Data excerpts Start Marker

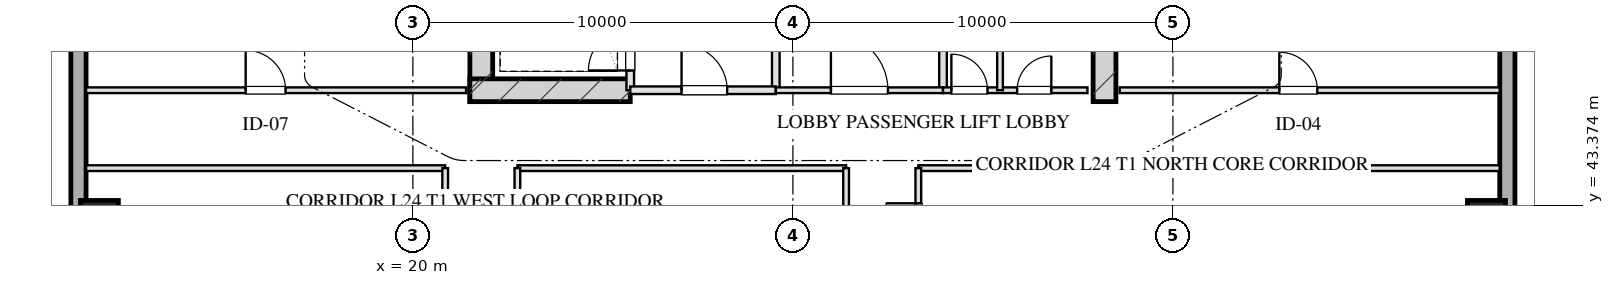
"""IFC4 building model, lengths in metres.
Left out: names, types, materials, properties, quantities, classifications, styles, units other than length and angle.
Written with IfcOpenShell. Run it as: python <this file> out.ifc"""

import sys

from ifc_helpers import new_model, si_unit, direction, frame, frame_2d, origin, origin_2d, place, context, subcontext, project, spatial, rectangle, hollow_rectangle, extrude, element, fill, save


model = new_model("IFC4")
c1 = context("Model", 3, precision=1e-05, world=origin(), true_north=direction((0.0, 1.0)))
c2 = subcontext(c1, "Body", "Model", "MODEL_VIEW")
j1 = project(units=[si_unit("LENGTHUNIT", "METRE"), si_unit("PLANEANGLEUNIT", "RADIAN")], contexts=[c1])
p1 = place(None, origin())
s1 = spatial("IfcSite", under=j1, at=p1, CompositionType="ELEMENT")
p2 = place(p1, origin())
s2 = spatial("IfcBuilding", under=s1, at=p2, CompositionType="ELEMENT")
p3 = place(p2, frame((0.0, 0.0, 96.6)))
s3 = spatial("IfcBuildingStorey", under=s2, at=p3, CompositionType="ELEMENT", Elevation=96.6)
for number, where, z_axis, x_axis in (
    (1, (21.8, 46.1, 0.0), (0.0, 0.0, 1.0), (0.0, 1.0, 0.0)),
    (2, (38.2, 46.1, 0.0), (0.0, 0.0, 1.0), (0.0, 1.0, 0.0)),
):
    element("IfcWall", number, at=place(p3, frame(where, z_axis=z_axis, x_axis=x_axis)), inside=s3, PredefinedType="SHEAR", context=c2, shape_type="SweptSolid", body=[
        extrude(rectangle(XDim=9.48, YDim=0.6, at=frame_2d((4.74, 0.0))), origin(), (0.0, 0.0, 1.0), 3.45),
    ])
p4 = place(p3, frame((21.5, 46.4, 0.0), z_axis=(0.0, 0.0, 1.0), x_axis=(1.0, 0.0, 0.0)))
e3 = element("IfcWall", 3, at=p4, inside=s3, PredefinedType="SHEAR", context=c2, shape_type="SweptSolid", body=[
    extrude(rectangle(XDim=4.22, YDim=0.6, at=frame_2d((2.11, 0.0))), origin(), (0.0, 0.0, 1.0), 3.45),
])
for number, where, z_axis, x_axis in (
    (4, (11.75, 43.0, 0.0), (0.0, 0.0, 1.0), (1.0, 0.0, 0.0)),
    (5, (48.25, 43.0, 0.0), (0.0, 0.0, 1.0), (1.0, 0.0, 0.0)),
):
    element("IfcColumn", number, at=place(p3, frame(where, z_axis=z_axis, x_axis=x_axis)), inside=s3, PredefinedType="COLUMN", context=c2, shape_type="SweptSolid", body=[
        extrude(hollow_rectangle(XDim=1.0, YDim=1.0, WallThickness=0.036, at=origin_2d()), origin(), (0.0, 0.0, 1.0), 3.451),
    ])
p5 = place(p3, frame((11.2, 9.0, 0.0), z_axis=(0.0, 0.0, 1.0), x_axis=(0.0, 1.0, 0.0)))
e6 = element("IfcWall", 6, at=p5, inside=s3, PredefinedType="SOLIDWALL", context=c2, shape_type="SweptSolid", body=[
    extrude(rectangle(XDim=50.0, YDim=0.4, at=frame_2d((25.0, 0.0))), origin(), (0.0, 0.0, 1.0), 2.55),
])
p6 = place(p5, frame((21.2, 0.0, 0.75)))
e7 = element("IfcOpeningElement", 7, at=p6, cuts=e6, PredefinedType="OPENING", context=c2, shape_type="SweptSolid", body=[
    extrude(rectangle(XDim=2.4, YDim=1.4, at=frame_2d((1.2, 0.7))), frame((0.0, 0.21, 0.0), z_axis=(0.0, -1.0, 0.0), x_axis=(1.0, 0.0, 0.0)), (0.0, 0.0, 1.0), 0.42),
])
p7 = place(p5, frame((26.4, 0.0, 0.75)))
e8 = element("IfcOpeningElement", 8, at=p7, cuts=e6, PredefinedType="OPENING", context=c2, shape_type="SweptSolid", body=[
    extrude(rectangle(XDim=2.4, YDim=1.4, at=frame_2d((1.2, 0.7))), frame((0.0, 0.21, 0.0), z_axis=(0.0, -1.0, 0.0), x_axis=(1.0, 0.0, 0.0)), (0.0, 0.0, 1.0), 0.42),
])
p8 = place(p3, frame((48.8, 59.0, 0.0), z_axis=(0.0, 0.0, 1.0), x_axis=(0.0, -1.0, 0.0)))
e9 = element("IfcWall", 9, at=p8, inside=s3, PredefinedType="SOLIDWALL", context=c2, shape_type="SweptSolid", body=[
    extrude(rectangle(XDim=50.0, YDim=0.4, at=frame_2d((25.0, 0.0))), origin(), (0.0, 0.0, 1.0), 2.55),
])
p9 = place(p3, frame((25.72, 46.4, 0.0), z_axis=(0.0, 0.0, 1.0), x_axis=(0.0, 1.0, 0.0)))
e10 = element("IfcWall", 10, at=p9, inside=s3, PredefinedType="PARTITIONING", context=c2, shape_type="SweptSolid", body=[
    extrude(rectangle(XDim=1.9, YDim=0.2, at=frame_2d((0.95, 0.0))), origin(), (0.0, 0.0, 1.0), 3.155),
])
p10 = place(p9, frame((0.52, 0.0, 0.0)))
e11 = element("IfcOpeningElement", 11, at=p10, cuts=e10, PredefinedType="OPENING", context=c2, shape_type="SweptSolid", body=[
    extrude(rectangle(XDim=1.1, YDim=2.05, at=frame_2d((0.55, 1.025))), frame((0.0, 0.11, 0.0), z_axis=(0.0, -1.0, 0.0), x_axis=(1.0, 0.0, 0.0)), (0.0, 0.0, 1.0), 0.22),
])
p11 = place(p3, frame((29.55, 46.4, 0.0), z_axis=(0.0, 0.0, 1.0), x_axis=(0.0, 1.0, 0.0)))
e12 = element("IfcWall", 12, at=p11, inside=s3, PredefinedType="PARTITIONING", context=c2, shape_type="SweptSolid", body=[
    extrude(rectangle(XDim=8.43, YDim=0.2, at=frame_2d((4.215, 0.0))), origin(), (0.0, 0.0, 1.0), 3.155),
])
p12 = place(p3, frame((25.72, 46.4, 0.0), z_axis=(0.0, 0.0, 1.0), x_axis=(1.0, 0.0, 0.0)))
e13 = element("IfcWall", 13, at=p12, inside=s3, PredefinedType="PARTITIONING", context=c2, shape_type="SweptSolid", body=[
    extrude(rectangle(XDim=3.83, YDim=0.2, at=frame_2d((1.915, 0.0))), origin(), (0.0, 0.0, 1.0), 3.155),
])
p13 = place(p12, frame((1.35, 0.0, 0.0)))
e14 = element("IfcOpeningElement", 14, at=p13, cuts=e13, PredefinedType="OPENING", context=c2, shape_type="SweptSolid", body=[
    extrude(rectangle(XDim=1.2, YDim=2.05, at=frame_2d((0.6, 1.025))), frame((0.0, 0.11, 0.0), z_axis=(0.0, -1.0, 0.0), x_axis=(1.0, 0.0, 0.0)), (0.0, 0.0, 1.0), 0.22),
])
p14 = place(p3, frame((33.95, 46.4, 0.0), z_axis=(0.0, 0.0, 1.0), x_axis=(0.0, 1.0, 0.0)))
e15 = element("IfcWall", 15, at=p14, inside=s3, PredefinedType="PARTITIONING", context=c2, shape_type="SweptSolid", body=[
    extrude(rectangle(XDim=8.43, YDim=0.2, at=frame_2d((4.215, 0.0))), origin(), (0.0, 0.0, 1.0), 3.155),
])
p15 = place(p3, frame((29.55, 46.4, 0.0), z_axis=(0.0, 0.0, 1.0), x_axis=(1.0, 0.0, 0.0)))
e16 = element("IfcWall", 16, at=p15, inside=s3, PredefinedType="PARTITIONING", context=c2, shape_type="SweptSolid", body=[
    extrude(rectangle(XDim=4.4, YDim=0.15, at=frame_2d((2.2, 0.0))), origin(), (0.0, 0.0, 1.0), 3.155),
])
p16 = place(p15, frame((1.45, 0.0, 0.0)))
e17 = element("IfcOpeningElement", 17, at=p16, cuts=e16, PredefinedType="OPENING", context=c2, shape_type="SweptSolid", body=[
    extrude(rectangle(XDim=1.5, YDim=2.05, at=frame_2d((0.75, 1.025))), frame((0.0, 0.085, 0.0), z_axis=(0.0, -1.0, 0.0), x_axis=(1.0, 0.0, 0.0)), (0.0, 0.0, 1.0), 0.17),
])
p17 = place(p3, frame((33.95, 46.4, 0.0), z_axis=(0.0, 0.0, 1.0), x_axis=(1.0, 0.0, 0.0)))
e18 = element("IfcWall", 18, at=p17, inside=s3, PredefinedType="PARTITIONING", context=c2, shape_type="SweptSolid", body=[
    extrude(rectangle(XDim=3.8, YDim=0.15, at=frame_2d((1.9, 0.0))), origin(), (0.0, 0.0, 1.0), 3.155),
])
p18 = place(p17, frame((0.22, 0.0, 0.0)))
e19 = element("IfcOpeningElement", 19, at=p18, cuts=e18, PredefinedType="OPENING", context=c2, shape_type="SweptSolid", body=[
    extrude(rectangle(XDim=0.95, YDim=2.05, at=frame_2d((0.475, 1.025))), frame((0.0, 0.085, 0.0), z_axis=(0.0, -1.0, 0.0), x_axis=(1.0, 0.0, 0.0)), (0.0, 0.0, 1.0), 0.17),
])
p19 = place(p17, frame((1.95, 0.0, 0.0)))
e20 = element("IfcOpeningElement", 20, at=p19, cuts=e18, PredefinedType="OPENING", context=c2, shape_type="SweptSolid", body=[
    extrude(rectangle(XDim=0.9, YDim=2.05, at=frame_2d((0.45, 1.025))), frame((0.0, 0.085, 0.0), z_axis=(0.0, -1.0, 0.0), x_axis=(1.0, 0.0, 0.0)), (0.0, 0.0, 1.0), 0.17),
])
p20 = place(p3, frame((35.45, 46.4, 0.0), z_axis=(0.0, 0.0, 1.0), x_axis=(0.0, 1.0, 0.0)))
e21 = element("IfcWall", 21, at=p20, inside=s3, PredefinedType="PARTITIONING", context=c2, shape_type="SweptSolid", body=[
    extrude(rectangle(XDim=8.43, YDim=0.15, at=frame_2d((4.215, 0.0))), origin(), (0.0, 0.0, 1.0), 2.765),
])
p21 = place(p20, frame((2.55, 0.0, 0.0)))
e22 = element("IfcOpeningElement", 22, at=p21, cuts=e21, PredefinedType="OPENING", context=c2, shape_type="SweptSolid", body=[
    extrude(rectangle(XDim=0.95, YDim=2.05, at=frame_2d((0.475, 1.025))), frame((0.0, 0.085, 0.0), z_axis=(0.0, -1.0, 0.0), x_axis=(1.0, 0.0, 0.0)), (0.0, 0.0, 1.0), 0.17),
])
p22 = place(p20, frame((5.6, 0.0, 0.0)))
e23 = element("IfcOpeningElement", 23, at=p22, cuts=e21, PredefinedType="OPENING", context=c2, shape_type="SweptSolid", body=[
    extrude(rectangle(XDim=0.9, YDim=2.05, at=frame_2d((0.45, 1.025))), frame((0.0, 0.085, 0.0), z_axis=(0.0, -1.0, 0.0), x_axis=(1.0, 0.0, 0.0)), (0.0, 0.0, 1.0), 0.17),
])
p23 = place(p3, frame((11.4, 46.4, 0.0), z_axis=(0.0, 0.0, 1.0), x_axis=(1.0, 0.0, 0.0)))
e24 = element("IfcWall", 24, at=p23, inside=s3, PredefinedType="PARTITIONING", context=c2, shape_type="SweptSolid", body=[
    extrude(rectangle(XDim=10.0, YDim=0.15, at=frame_2d((5.0, 0.0))), origin(), (0.0, 0.0, 1.0), 3.155),
])
p24 = place(p23, frame((4.2, 0.0, 0.0)))
e25 = element("IfcOpeningElement", 25, at=p24, cuts=e24, PredefinedType="OPENING", context=c2, shape_type="SweptSolid", body=[
    extrude(rectangle(XDim=1.05, YDim=2.05, at=frame_2d((0.525, 1.025))), frame((0.0, 0.085, 0.0), z_axis=(0.0, -1.0, 0.0), x_axis=(1.0, 0.0, 0.0)), (0.0, 0.0, 1.0), 0.17),
])
p25 = place(p3, frame((38.6, 46.4, 0.0), z_axis=(0.0, 0.0, 1.0), x_axis=(1.0, 0.0, 0.0)))
e26 = element("IfcWall", 26, at=p25, inside=s3, PredefinedType="PARTITIONING", context=c2, shape_type="SweptSolid", body=[
    extrude(rectangle(XDim=10.0, YDim=0.15, at=frame_2d((5.0, 0.0))), origin(), (0.0, 0.0, 1.0), 3.155),
])
p26 = place(p25, frame((4.2, 0.0, 0.0)))
e27 = element("IfcOpeningElement", 27, at=p26, cuts=e26, PredefinedType="OPENING", context=c2, shape_type="SweptSolid", body=[
    extrude(rectangle(XDim=1.0, YDim=2.05, at=frame_2d((0.5, 1.025))), frame((0.0, 0.085, 0.0), z_axis=(0.0, -1.0, 0.0), x_axis=(1.0, 0.0, 0.0)), (0.0, 0.0, 1.0), 0.17),
])
p27 = place(p3, frame((11.4, 44.35, 0.0), z_axis=(0.0, 0.0, 1.0), x_axis=(1.0, 0.0, 0.0)))
e28 = element("IfcWall", 28, at=p27, inside=s3, PredefinedType="PARTITIONING", context=c2, shape_type="SweptSolid", body=[
    extrude(rectangle(XDim=9.45, YDim=0.15, at=frame_2d((4.725, 0.0))), origin(), (0.0, 0.0, 1.0), 3.155),
])
p28 = place(p3, frame((22.75, 44.35, 0.0), z_axis=(0.0, 0.0, 1.0), x_axis=(1.0, 0.0, 0.0)))
e29 = element("IfcWall", 29, at=p28, inside=s3, PredefinedType="PARTITIONING", context=c2, shape_type="SweptSolid", body=[
    extrude(rectangle(XDim=8.65, YDim=0.15, at=frame_2d((4.325, 0.0))), origin(), (0.0, 0.0, 1.0), 3.155),
])
p29 = place(p3, frame((33.3, 44.35, 0.0), z_axis=(0.0, 0.0, 1.0), x_axis=(1.0, 0.0, 0.0)))
e30 = element("IfcWall", 30, at=p29, inside=s3, PredefinedType="PARTITIONING", context=c2, shape_type="SweptSolid", body=[
    extrude(rectangle(XDim=15.3, YDim=0.15, at=frame_2d((7.65, 0.0))), origin(), (0.0, 0.0, 1.0), 3.155),
])
p30 = place(p3, frame((20.85, 23.65, 0.0), z_axis=(0.0, 0.0, 1.0), x_axis=(0.0, 1.0, 0.0)))
e31 = element("IfcWall", 31, at=p30, inside=s3, PredefinedType="PARTITIONING", context=c2, shape_type="SweptSolid", body=[
    extrude(rectangle(XDim=20.7, YDim=0.15, at=frame_2d((10.35, 0.0))), origin(), (0.0, 0.0, 1.0), 3.155),
])
p31 = place(p30, frame((2.175, 0.0, 0.0)))
e32 = element("IfcOpeningElement", 32, at=p31, cuts=e31, PredefinedType="OPENING", context=c2, shape_type="SweptSolid", body=[
    extrude(rectangle(XDim=1.0, YDim=2.05, at=frame_2d((0.5, 1.025))), frame((0.0, 0.085, 0.0), z_axis=(0.0, -1.0, 0.0), x_axis=(1.0, 0.0, 0.0)), (0.0, 0.0, 1.0), 0.17),
])
p32 = place(p30, frame((7.69, 0.0, 0.0)))
e33 = element("IfcOpeningElement", 33, at=p32, cuts=e31, PredefinedType="OPENING", context=c2, shape_type="SweptSolid", body=[
    extrude(rectangle(XDim=1.0, YDim=2.05, at=frame_2d((0.5, 1.025))), frame((0.0, 0.085, 0.0), z_axis=(0.0, -1.0, 0.0), x_axis=(1.0, 0.0, 0.0)), (0.0, 0.0, 1.0), 0.17),
])
p33 = place(p30, frame((12.69, 0.0, 0.0)))
e34 = element("IfcOpeningElement", 34, at=p33, cuts=e31, PredefinedType="OPENING", context=c2, shape_type="SweptSolid", body=[
    extrude(rectangle(XDim=1.0, YDim=2.05, at=frame_2d((0.5, 1.025))), frame((0.0, 0.085, 0.0), z_axis=(0.0, -1.0, 0.0), x_axis=(1.0, 0.0, 0.0)), (0.0, 0.0, 1.0), 0.17),
])
p34 = place(p30, frame((17.525, 0.0, 0.0)))
e35 = element("IfcOpeningElement", 35, at=p34, cuts=e31, PredefinedType="OPENING", context=c2, shape_type="SweptSolid", body=[
    extrude(rectangle(XDim=1.0, YDim=2.05, at=frame_2d((0.5, 1.025))), frame((0.0, 0.085, 0.0), z_axis=(0.0, -1.0, 0.0), x_axis=(1.0, 0.0, 0.0)), (0.0, 0.0, 1.0), 0.17),
])
p35 = place(p3, frame((22.75, 23.65, 0.0), z_axis=(0.0, 0.0, 1.0), x_axis=(0.0, 1.0, 0.0)))
e36 = element("IfcWall", 36, at=p35, inside=s3, PredefinedType="PARTITIONING", context=c2, shape_type="SweptSolid", body=[
    extrude(rectangle(XDim=20.7, YDim=0.15, at=frame_2d((10.35, 0.0))), origin(), (0.0, 0.0, 1.0), 3.155),
])
p36 = place(p35, frame((9.936, 0.0, 0.0)))
e37 = element("IfcOpeningElement", 37, at=p36, cuts=e36, PredefinedType="OPENING", context=c2, shape_type="SweptSolid", body=[
    extrude(rectangle(XDim=1.1, YDim=2.05, at=frame_2d((0.55, 1.025))), frame((0.0, 0.085, 0.0), z_axis=(0.0, -1.0, 0.0), x_axis=(1.0, 0.0, 0.0)), (0.0, 0.0, 1.0), 0.17),
])
p37 = place(p3, frame((31.4, 23.65, 0.0), z_axis=(0.0, 0.0, 1.0), x_axis=(0.0, 1.0, 0.0)))
e38 = element("IfcWall", 38, at=p37, inside=s3, PredefinedType="PARTITIONING", context=c2, shape_type="SweptSolid", body=[
    extrude(rectangle(XDim=20.7, YDim=0.15, at=frame_2d((10.35, 0.0))), origin(), (0.0, 0.0, 1.0), 3.155),
])
p38 = place(p3, frame((33.3, 23.65, 0.0), z_axis=(0.0, 0.0, 1.0), x_axis=(0.0, 1.0, 0.0)))
e39 = element("IfcWall", 39, at=p38, inside=s3, PredefinedType="PARTITIONING", context=c2, shape_type="SweptSolid", body=[
    extrude(rectangle(XDim=20.7, YDim=0.15, at=frame_2d((10.35, 0.0))), origin(), (0.0, 0.0, 1.0), 3.155),
])
p39 = place(p38, frame((2.175, 0.0, 0.0)))
e40 = element("IfcOpeningElement", 40, at=p39, cuts=e39, PredefinedType="OPENING", context=c2, shape_type="SweptSolid", body=[
    extrude(rectangle(XDim=1.05, YDim=2.05, at=frame_2d((0.525, 1.025))), frame((0.0, 0.085, 0.0), z_axis=(0.0, -1.0, 0.0), x_axis=(1.0, 0.0, 0.0)), (0.0, 0.0, 1.0), 0.17),
])
p40 = place(p38, frame((6.75, 0.0, 0.0)))
e41 = element("IfcOpeningElement", 41, at=p40, cuts=e39, PredefinedType="OPENING", context=c2, shape_type="SweptSolid", body=[
    extrude(rectangle(XDim=1.0, YDim=2.05, at=frame_2d((0.5, 1.025))), frame((0.0, 0.085, 0.0), z_axis=(0.0, -1.0, 0.0), x_axis=(1.0, 0.0, 0.0)), (0.0, 0.0, 1.0), 0.17),
])
p41 = place(p38, frame((11.25, 0.0, 0.0)))
e42 = element("IfcOpeningElement", 42, at=p41, cuts=e39, PredefinedType="OPENING", context=c2, shape_type="SweptSolid", body=[
    extrude(rectangle(XDim=1.0, YDim=2.05, at=frame_2d((0.5, 1.025))), frame((0.0, 0.085, 0.0), z_axis=(0.0, -1.0, 0.0), x_axis=(1.0, 0.0, 0.0)), (0.0, 0.0, 1.0), 0.17),
])
p42 = place(p38, frame((15.75, 0.0, 0.0)))
e43 = element("IfcOpeningElement", 43, at=p42, cuts=e39, PredefinedType="OPENING", context=c2, shape_type="SweptSolid", body=[
    extrude(rectangle(XDim=1.0, YDim=2.05, at=frame_2d((0.5, 1.025))), frame((0.0, 0.085, 0.0), z_axis=(0.0, -1.0, 0.0), x_axis=(1.0, 0.0, 0.0)), (0.0, 0.0, 1.0), 0.17),
])
p43 = place(p38, frame((18.925, 0.0, 0.0)))
e44 = element("IfcOpeningElement", 44, at=p43, cuts=e39, PredefinedType="OPENING", context=c2, shape_type="SweptSolid", body=[
    extrude(rectangle(XDim=0.85, YDim=2.05, at=frame_2d((0.425, 1.025))), frame((0.0, 0.085, 0.0), z_axis=(0.0, -1.0, 0.0), x_axis=(1.0, 0.0, 0.0)), (0.0, 0.0, 1.0), 0.17),
])
p44 = place(p10, origin())
e45 = element("IfcDoor", 45, at=p44, inside=s3, OperationType="SINGLE_SWING_LEFT", PredefinedType="DOOR", context=c2, shape_type="SweptSolid", body=[
    extrude(rectangle(XDim=1.1, YDim=2.05, at=frame_2d((0.55, 1.025))), frame((0.0, 0.025, 0.0), z_axis=(0.0, -1.0, 0.0), x_axis=(1.0, 0.0, 0.0)), (0.0, 0.0, 1.0), 0.05),
])
fill(e11, e45)
p45 = place(p13, origin())
e46 = element("IfcDoor", 46, at=p45, inside=s3, OperationType="SINGLE_SWING_LEFT", PredefinedType="DOOR", context=c2, shape_type="SweptSolid", body=[
    extrude(rectangle(XDim=1.2, YDim=2.05, at=frame_2d((0.6, 1.025))), frame((0.0, 0.025, 0.0), z_axis=(0.0, -1.0, 0.0), x_axis=(1.0, 0.0, 0.0)), (0.0, 0.0, 1.0), 0.05),
])
fill(e14, e46)
p46 = place(p16, origin())
e47 = element("IfcDoor", 47, at=p46, inside=s3, OperationType="SINGLE_SWING_LEFT", PredefinedType="DOOR", context=c2, shape_type="SweptSolid", body=[
    extrude(rectangle(XDim=1.5, YDim=2.05, at=frame_2d((0.75, 1.025))), frame((0.0, 0.025, 0.0), z_axis=(0.0, -1.0, 0.0), x_axis=(1.0, 0.0, 0.0)), (0.0, 0.0, 1.0), 0.05),
])
fill(e17, e47)
p47 = place(p18, origin())
e48 = element("IfcDoor", 48, at=p47, inside=s3, OperationType="SINGLE_SWING_LEFT", PredefinedType="DOOR", context=c2, shape_type="SweptSolid", body=[
    extrude(rectangle(XDim=0.95, YDim=2.05, at=frame_2d((0.475, 1.025))), frame((0.0, 0.025, 0.0), z_axis=(0.0, -1.0, 0.0), x_axis=(1.0, 0.0, 0.0)), (0.0, 0.0, 1.0), 0.05),
])
fill(e19, e48)
p48 = place(p19, origin())
e49 = element("IfcDoor", 49, at=p48, inside=s3, OperationType="SINGLE_SWING_RIGHT", PredefinedType="DOOR", context=c2, shape_type="SweptSolid", body=[
    extrude(rectangle(XDim=0.9, YDim=2.05, at=frame_2d((0.45, 1.025))), frame((0.0, 0.025, 0.0), z_axis=(0.0, -1.0, 0.0), x_axis=(1.0, 0.0, 0.0)), (0.0, 0.0, 1.0), 0.05),
])
fill(e20, e49)
p49 = place(p24, origin())
e50 = element("IfcDoor", 50, at=p49, inside=s3, OperationType="SINGLE_SWING_LEFT", PredefinedType="DOOR", context=c2, shape_type="SweptSolid", body=[
    extrude(rectangle(XDim=1.05, YDim=2.05, at=frame_2d((0.525, 1.025))), frame((0.0, 0.025, 0.0), z_axis=(0.0, -1.0, 0.0), x_axis=(1.0, 0.0, 0.0)), (0.0, 0.0, 1.0), 0.05),
])
fill(e25, e50)
p50 = place(p26, origin())
e51 = element("IfcDoor", 51, at=p50, inside=s3, OperationType="SINGLE_SWING_LEFT", PredefinedType="DOOR", context=c2, shape_type="SweptSolid", body=[
    extrude(rectangle(XDim=1.0, YDim=2.05, at=frame_2d((0.5, 1.025))), frame((0.0, 0.025, 0.0), z_axis=(0.0, -1.0, 0.0), x_axis=(1.0, 0.0, 0.0)), (0.0, 0.0, 1.0), 0.05),
])
fill(e27, e51)
p51 = place(p43, origin())
e52 = element("IfcDoor", 52, at=p51, inside=s3, OperationType="SINGLE_SWING_RIGHT", PredefinedType="DOOR", context=c2, shape_type="SweptSolid", body=[
    extrude(rectangle(XDim=0.85, YDim=2.05, at=frame_2d((0.425, 1.025))), frame((0.0, 0.025, 0.0), z_axis=(0.0, -1.0, 0.0), x_axis=(1.0, 0.0, 0.0)), (0.0, 0.0, 1.0), 0.05),
])
fill(e44, e52)
save(model, sys.argv[1])

Data excerpts End Marker

Return, word for word, each line from the one that contains "fill(e27, e51)" through the end of the listing above.

• Response to this task
fill(e27, e51)
p51 = place(p43, origin())
e52 = element("IfcDoor", 52, at=p51, inside=s3, OperationType="SINGLE_SWING_RIGHT", PredefinedType="DOOR", context=c2, shape_type="SweptSolid", body=[
    extrude(rectangle(XDim=0.85, YDim=2.05, at=frame_2d((0.425, 1.025))), frame((0.0, 0.025, 0.0), z_axis=(0.0, -1.0, 0.0), x_axis=(1.0, 0.0, 0.0)), (0.0, 0.0, 1.0), 0.05),
])
fill(e44, e52)
save(model, sys.argv[1])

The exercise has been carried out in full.